> **REQUIREMENT**
The answer is every line of the records that holds the word "project", copied in full.

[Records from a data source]

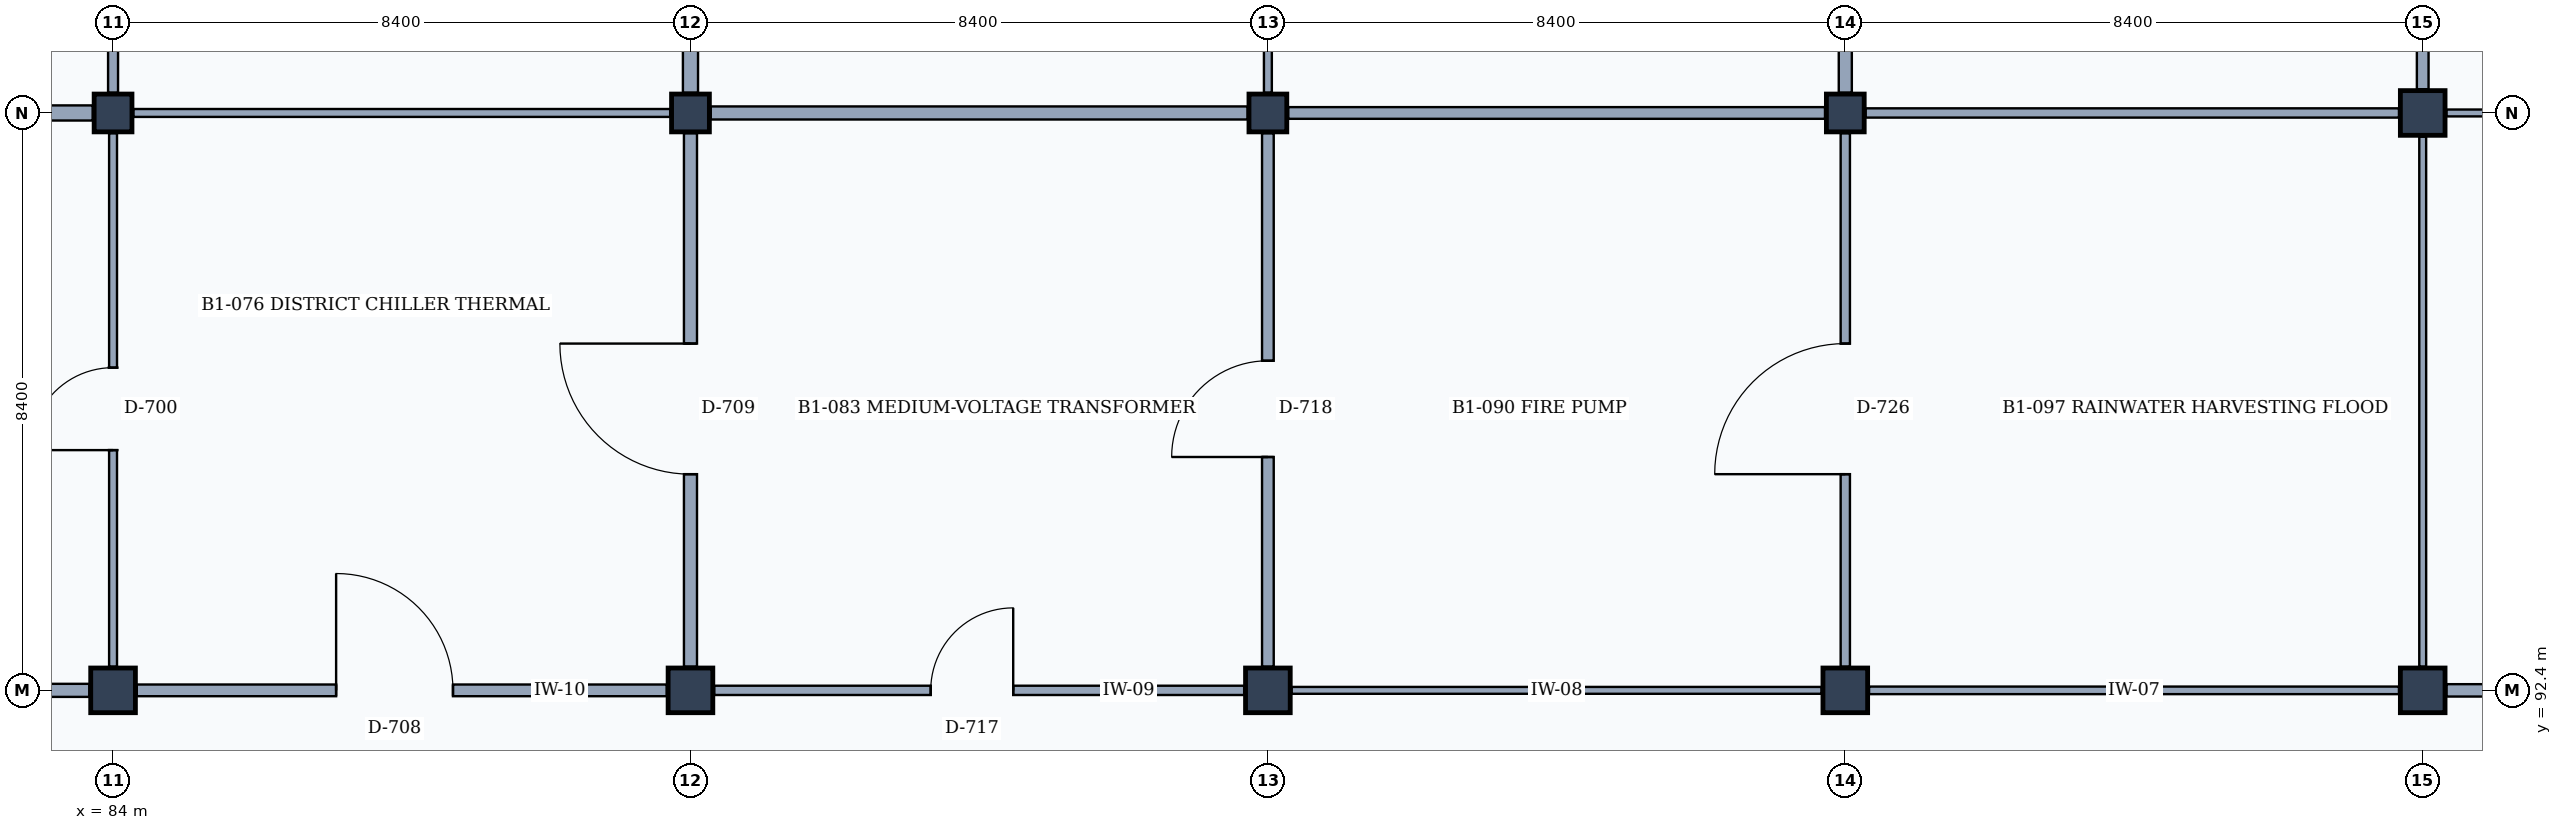
"""IFC4 building model, lengths in metres.
Left out: names, types, materials, properties, quantities, classifications, styles, units other than length and angle.
Written with IfcOpenShell. Run it as: python <this file> out.ifc"""

import sys

from ifc_helpers import new_model, si_unit, direction, frame, frame_2d, origin, origin_2d, place, context, subcontext, project, spatial, rectangle, extrude, element, fill, save


model = new_model("IFC4")
c1 = context("Model", 3, precision=1e-05, world=origin(), true_north=direction((0.0, 1.0)))
c2 = subcontext(c1, "Body", "Model", "MODEL_VIEW")
j1 = project(units=[si_unit("LENGTHUNIT", "METRE"), si_unit("PLANEANGLEUNIT", "RADIAN")], contexts=[c1])
p1 = place(None, origin())
s1 = spatial("IfcSite", under=j1, at=p1, CompositionType="ELEMENT")
p2 = place(p1, origin())
s2 = spatial("IfcBuilding", under=s1, at=p2, CompositionType="ELEMENT")
p3 = place(p2, frame((0.0, 0.0, -4.2)))
s3 = spatial("IfcBuildingStorey", under=s2, at=p3, CompositionType="ELEMENT", Elevation=-4.2)
p4 = place(p3, frame((84.0, 92.4, 0.0), z_axis=(0.0, 0.0, 1.0), x_axis=(1.0, 0.0, 0.0)))
e1 = element("IfcColumn", 1, at=p4, inside=s3, PredefinedType="COLUMN", context=c2, shape_type="SweptSolid", body=[
    extrude(rectangle(XDim=0.65, YDim=0.65, at=origin_2d()), origin(), (0.0, 0.0, 1.0), 4.2),
])
p5 = place(p3, frame((84.0, 100.8, 0.0), z_axis=(0.0, 0.0, 1.0), x_axis=(1.0, 0.0, 0.0)))
e2 = element("IfcColumn", 2, at=p5, inside=s3, PredefinedType="COLUMN", context=c2, shape_type="SweptSolid", body=[
    extrude(rectangle(XDim=0.55, YDim=0.55, at=origin_2d()), origin(), (0.0, 0.0, 1.0), 4.2),
])
p6 = place(p3, frame((92.4, 92.4, 0.0), z_axis=(0.0, 0.0, 1.0), x_axis=(1.0, 0.0, 0.0)))
e3 = element("IfcColumn", 3, at=p6, inside=s3, PredefinedType="COLUMN", context=c2, shape_type="SweptSolid", body=[
    extrude(rectangle(XDim=0.65, YDim=0.65, at=origin_2d()), origin(), (0.0, 0.0, 1.0), 4.2),
])
p7 = place(p3, frame((92.4, 100.8, 0.0), z_axis=(0.0, 0.0, 1.0), x_axis=(1.0, 0.0, 0.0)))
e4 = element("IfcColumn", 4, at=p7, inside=s3, PredefinedType="COLUMN", context=c2, shape_type="SweptSolid", body=[
    extrude(rectangle(XDim=0.55, YDim=0.55, at=origin_2d()), origin(), (0.0, 0.0, 1.0), 4.2),
])
p8 = place(p3, frame((100.8, 92.4, 0.0), z_axis=(0.0, 0.0, 1.0), x_axis=(1.0, 0.0, 0.0)))
e5 = element("IfcColumn", 5, at=p8, inside=s3, PredefinedType="COLUMN", context=c2, shape_type="SweptSolid", body=[
    extrude(rectangle(XDim=0.65, YDim=0.65, at=origin_2d()), origin(), (0.0, 0.0, 1.0), 4.2),
])
p9 = place(p3, frame((100.8, 100.8, 0.0), z_axis=(0.0, 0.0, 1.0), x_axis=(1.0, 0.0, 0.0)))
e6 = element("IfcColumn", 6, at=p9, inside=s3, PredefinedType="COLUMN", context=c2, shape_type="SweptSolid", body=[
    extrude(rectangle(XDim=0.55, YDim=0.55, at=origin_2d()), origin(), (0.0, 0.0, 1.0), 4.2),
])
p10 = place(p3, frame((109.2, 92.4, 0.0), z_axis=(0.0, 0.0, 1.0), x_axis=(1.0, 0.0, 0.0)))
e7 = element("IfcColumn", 7, at=p10, inside=s3, PredefinedType="COLUMN", context=c2, shape_type="SweptSolid", body=[
    extrude(rectangle(XDim=0.65, YDim=0.65, at=origin_2d()), origin(), (0.0, 0.0, 1.0), 4.2),
])
p11 = place(p3, frame((109.2, 100.8, 0.0), z_axis=(0.0, 0.0, 1.0), x_axis=(1.0, 0.0, 0.0)))
e8 = element("IfcColumn", 8, at=p11, inside=s3, PredefinedType="COLUMN", context=c2, shape_type="SweptSolid", body=[
    extrude(rectangle(XDim=0.55, YDim=0.55, at=origin_2d()), origin(), (0.0, 0.0, 1.0), 4.2),
])
for number, where, z_axis, x_axis in (
    (9, (117.6, 92.4, 0.0), (0.0, 0.0, 1.0), (1.0, 0.0, 0.0)),
    (10, (117.6, 100.8, 0.0), (0.0, 0.0, 1.0), (1.0, 0.0, 0.0)),
):
    element("IfcColumn", number, at=place(p3, frame(where, z_axis=z_axis, x_axis=x_axis)), inside=s3, PredefinedType="COLUMN", context=c2, shape_type="SweptSolid", body=[
        extrude(rectangle(XDim=0.65, YDim=0.65, at=origin_2d()), origin(), (0.0, 0.0, 1.0), 4.2),
    ])
p12 = place(p3, frame((75.945, 92.4, 0.0), z_axis=(0.0, 0.0, 1.0), x_axis=(1.0, 0.0, 0.0)))
e11 = element("IfcWall", 11, at=p12, inside=s3, PredefinedType="PARTITIONING", context=c2, shape_type="SweptSolid", body=[
    extrude(rectangle(XDim=7.71, YDim=0.19, at=frame_2d((3.855, 0.0))), origin(), (0.0, 0.0, 1.0), 2.93),
])
p13 = place(p12, frame((2.85, 0.0, 0.0)))
e12 = element("IfcOpeningElement", 12, at=p13, cuts=e11, PredefinedType="OPENING", context=c2, shape_type="SweptSolid", body=[
    extrude(rectangle(XDim=1.8, YDim=2.3, at=frame_2d((0.9, 1.15))), frame((0.0, 0.105, 0.0), z_axis=(0.0, -1.0, 0.0), x_axis=(1.0, 0.0, 0.0)), (0.0, 0.0, 1.0), 0.21),
])
p14 = place(p3, frame((84.0, 92.745, 0.0), z_axis=(0.0, 0.0, 1.0), x_axis=(0.0, 1.0, 0.0)))
e13 = element("IfcWall", 13, at=p14, inside=s3, PredefinedType="PARTITIONING", context=c2, shape_type="SweptSolid", body=[
    extrude(rectangle(XDim=7.76, YDim=0.115, at=frame_2d((3.88, 0.0))), origin(), (0.0, 0.0, 1.0), 3.23),
])
p15 = place(p14, frame((3.15, 0.0, 0.0)))
e14 = element("IfcOpeningElement", 14, at=p15, cuts=e13, PredefinedType="OPENING", context=c2, shape_type="SweptSolid", body=[
    extrude(rectangle(XDim=1.2, YDim=2.2, at=frame_2d((0.6, 1.1))), frame((0.0, 0.067, 0.0), z_axis=(0.0, -1.0, 0.0), x_axis=(1.0, 0.0, 0.0)), (0.0, 0.0, 1.0), 0.135),
])
p16 = place(p3, frame((75.895, 100.8, 0.0), z_axis=(0.0, 0.0, 1.0), x_axis=(1.0, 0.0, 0.0)))
e15 = element("IfcWall", 15, at=p16, inside=s3, PredefinedType="PARTITIONING", context=c2, shape_type="SweptSolid", body=[
    extrude(rectangle(XDim=7.81, YDim=0.22, at=frame_2d((3.905, 0.0))), origin(), (0.0, 0.0, 1.0), 2.93),
])
p17 = place(p3, frame((84.0, 101.095, 0.0), z_axis=(0.0, 0.0, 1.0), x_axis=(0.0, 1.0, 0.0)))
e16 = element("IfcWall", 16, at=p17, inside=s3, PredefinedType="PARTITIONING", context=c2, shape_type="SweptSolid", body=[
    extrude(rectangle(XDim=7.81, YDim=0.145, at=frame_2d((3.905, 0.0))), origin(), (0.0, 0.0, 1.0), 3.23),
])
p18 = place(p17, frame((3.05, 0.0, 0.0)))
e17 = element("IfcOpeningElement", 17, at=p18, cuts=e16, PredefinedType="OPENING", context=c2, shape_type="SweptSolid", body=[
    extrude(rectangle(XDim=1.4, YDim=2.25, at=frame_2d((0.7, 1.125))), frame((0.0, 0.083, 0.0), z_axis=(0.0, -1.0, 0.0), x_axis=(1.0, 0.0, 0.0)), (0.0, 0.0, 1.0), 0.165),
])
p19 = place(p3, frame((84.345, 92.4, 0.0), z_axis=(0.0, 0.0, 1.0), x_axis=(1.0, 0.0, 0.0)))
e18 = element("IfcWall", 18, at=p19, inside=s3, PredefinedType="PARTITIONING", context=c2, shape_type="SweptSolid", body=[
    extrude(rectangle(XDim=7.71, YDim=0.17, at=frame_2d((3.855, 0.0))), origin(), (0.0, 0.0, 1.0), 2.93),
])
p20 = place(p19, frame((2.9, 0.0, 0.0)))
e19 = element("IfcOpeningElement", 19, at=p20, cuts=e18, PredefinedType="OPENING", context=c2, shape_type="SweptSolid", body=[
    extrude(rectangle(XDim=1.7, YDim=2.3, at=frame_2d((0.85, 1.15))), frame((0.0, 0.095, 0.0), z_axis=(0.0, -1.0, 0.0), x_axis=(1.0, 0.0, 0.0)), (0.0, 0.0, 1.0), 0.19),
])
p21 = place(p3, frame((92.4, 92.745, 0.0), z_axis=(0.0, 0.0, 1.0), x_axis=(0.0, 1.0, 0.0)))
e20 = element("IfcWall", 20, at=p21, inside=s3, PredefinedType="PARTITIONING", context=c2, shape_type="SweptSolid", body=[
    extrude(rectangle(XDim=7.76, YDim=0.19, at=frame_2d((3.88, 0.0))), origin(), (0.0, 0.0, 1.0), 3.23),
])
p22 = place(p21, frame((2.8, 0.0, 0.0)))
e21 = element("IfcOpeningElement", 21, at=p22, cuts=e20, PredefinedType="OPENING", context=c2, shape_type="SweptSolid", body=[
    extrude(rectangle(XDim=1.9, YDim=2.4, at=frame_2d((0.95, 1.2))), frame((0.0, 0.105, 0.0), z_axis=(0.0, -1.0, 0.0), x_axis=(1.0, 0.0, 0.0)), (0.0, 0.0, 1.0), 0.21),
])
p23 = place(p3, frame((84.295, 100.8, 0.0), z_axis=(0.0, 0.0, 1.0), x_axis=(1.0, 0.0, 0.0)))
e22 = element("IfcWall", 22, at=p23, inside=s3, PredefinedType="PARTITIONING", context=c2, shape_type="SweptSolid", body=[
    extrude(rectangle(XDim=7.81, YDim=0.115, at=frame_2d((3.905, 0.0))), origin(), (0.0, 0.0, 1.0), 2.93),
])
p24 = place(p3, frame((92.4, 101.095, 0.0), z_axis=(0.0, 0.0, 1.0), x_axis=(0.0, 1.0, 0.0)))
e23 = element("IfcWall", 23, at=p24, inside=s3, PredefinedType="PARTITIONING", context=c2, shape_type="SweptSolid", body=[
    extrude(rectangle(XDim=7.81, YDim=0.22, at=frame_2d((3.905, 0.0))), origin(), (0.0, 0.0, 1.0), 3.23),
])
p25 = place(p24, frame((3.3, 0.0, 0.0)))
e24 = element("IfcOpeningElement", 24, at=p25, cuts=e23, PredefinedType="OPENING", context=c2, shape_type="SweptSolid", body=[
    extrude(rectangle(XDim=0.9, YDim=2.1, at=frame_2d((0.45, 1.05))), frame((0.0, 0.12, 0.0), z_axis=(0.0, -1.0, 0.0), x_axis=(1.0, 0.0, 0.0)), (0.0, 0.0, 1.0), 0.24),
])
p26 = place(p3, frame((92.745, 92.4, 0.0), z_axis=(0.0, 0.0, 1.0), x_axis=(1.0, 0.0, 0.0)))
e25 = element("IfcWall", 25, at=p26, inside=s3, PredefinedType="PARTITIONING", context=c2, shape_type="SweptSolid", body=[
    extrude(rectangle(XDim=7.71, YDim=0.135, at=frame_2d((3.855, 0.0))), origin(), (0.0, 0.0, 1.0), 2.93),
])
p27 = place(p26, frame((3.15, 0.0, 0.0)))
e26 = element("IfcOpeningElement", 26, at=p27, cuts=e25, PredefinedType="OPENING", context=c2, shape_type="SweptSolid", body=[
    extrude(rectangle(XDim=1.2, YDim=2.2, at=frame_2d((0.6, 1.1))), frame((0.0, 0.077, 0.0), z_axis=(0.0, -1.0, 0.0), x_axis=(1.0, 0.0, 0.0)), (0.0, 0.0, 1.0), 0.155),
])
p28 = place(p3, frame((100.8, 92.745, 0.0), z_axis=(0.0, 0.0, 1.0), x_axis=(0.0, 1.0, 0.0)))
e27 = element("IfcWall", 27, at=p28, inside=s3, PredefinedType="PARTITIONING", context=c2, shape_type="SweptSolid", body=[
    extrude(rectangle(XDim=7.76, YDim=0.17, at=frame_2d((3.88, 0.0))), origin(), (0.0, 0.0, 1.0), 3.23),
])
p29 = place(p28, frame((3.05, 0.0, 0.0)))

> **EXPECTED OUTPUT**
from ifc_helpers import new_model, si_unit, direction, frame, frame_2d, origin, origin_2d, place, context, subcontext, project, spatial, rectangle, extrude, element, fill, save
j1 = project(units=[si_unit("LENGTHUNIT", "METRE"), si_unit("PLANEANGLEUNIT", "RADIAN")], contexts=[c1])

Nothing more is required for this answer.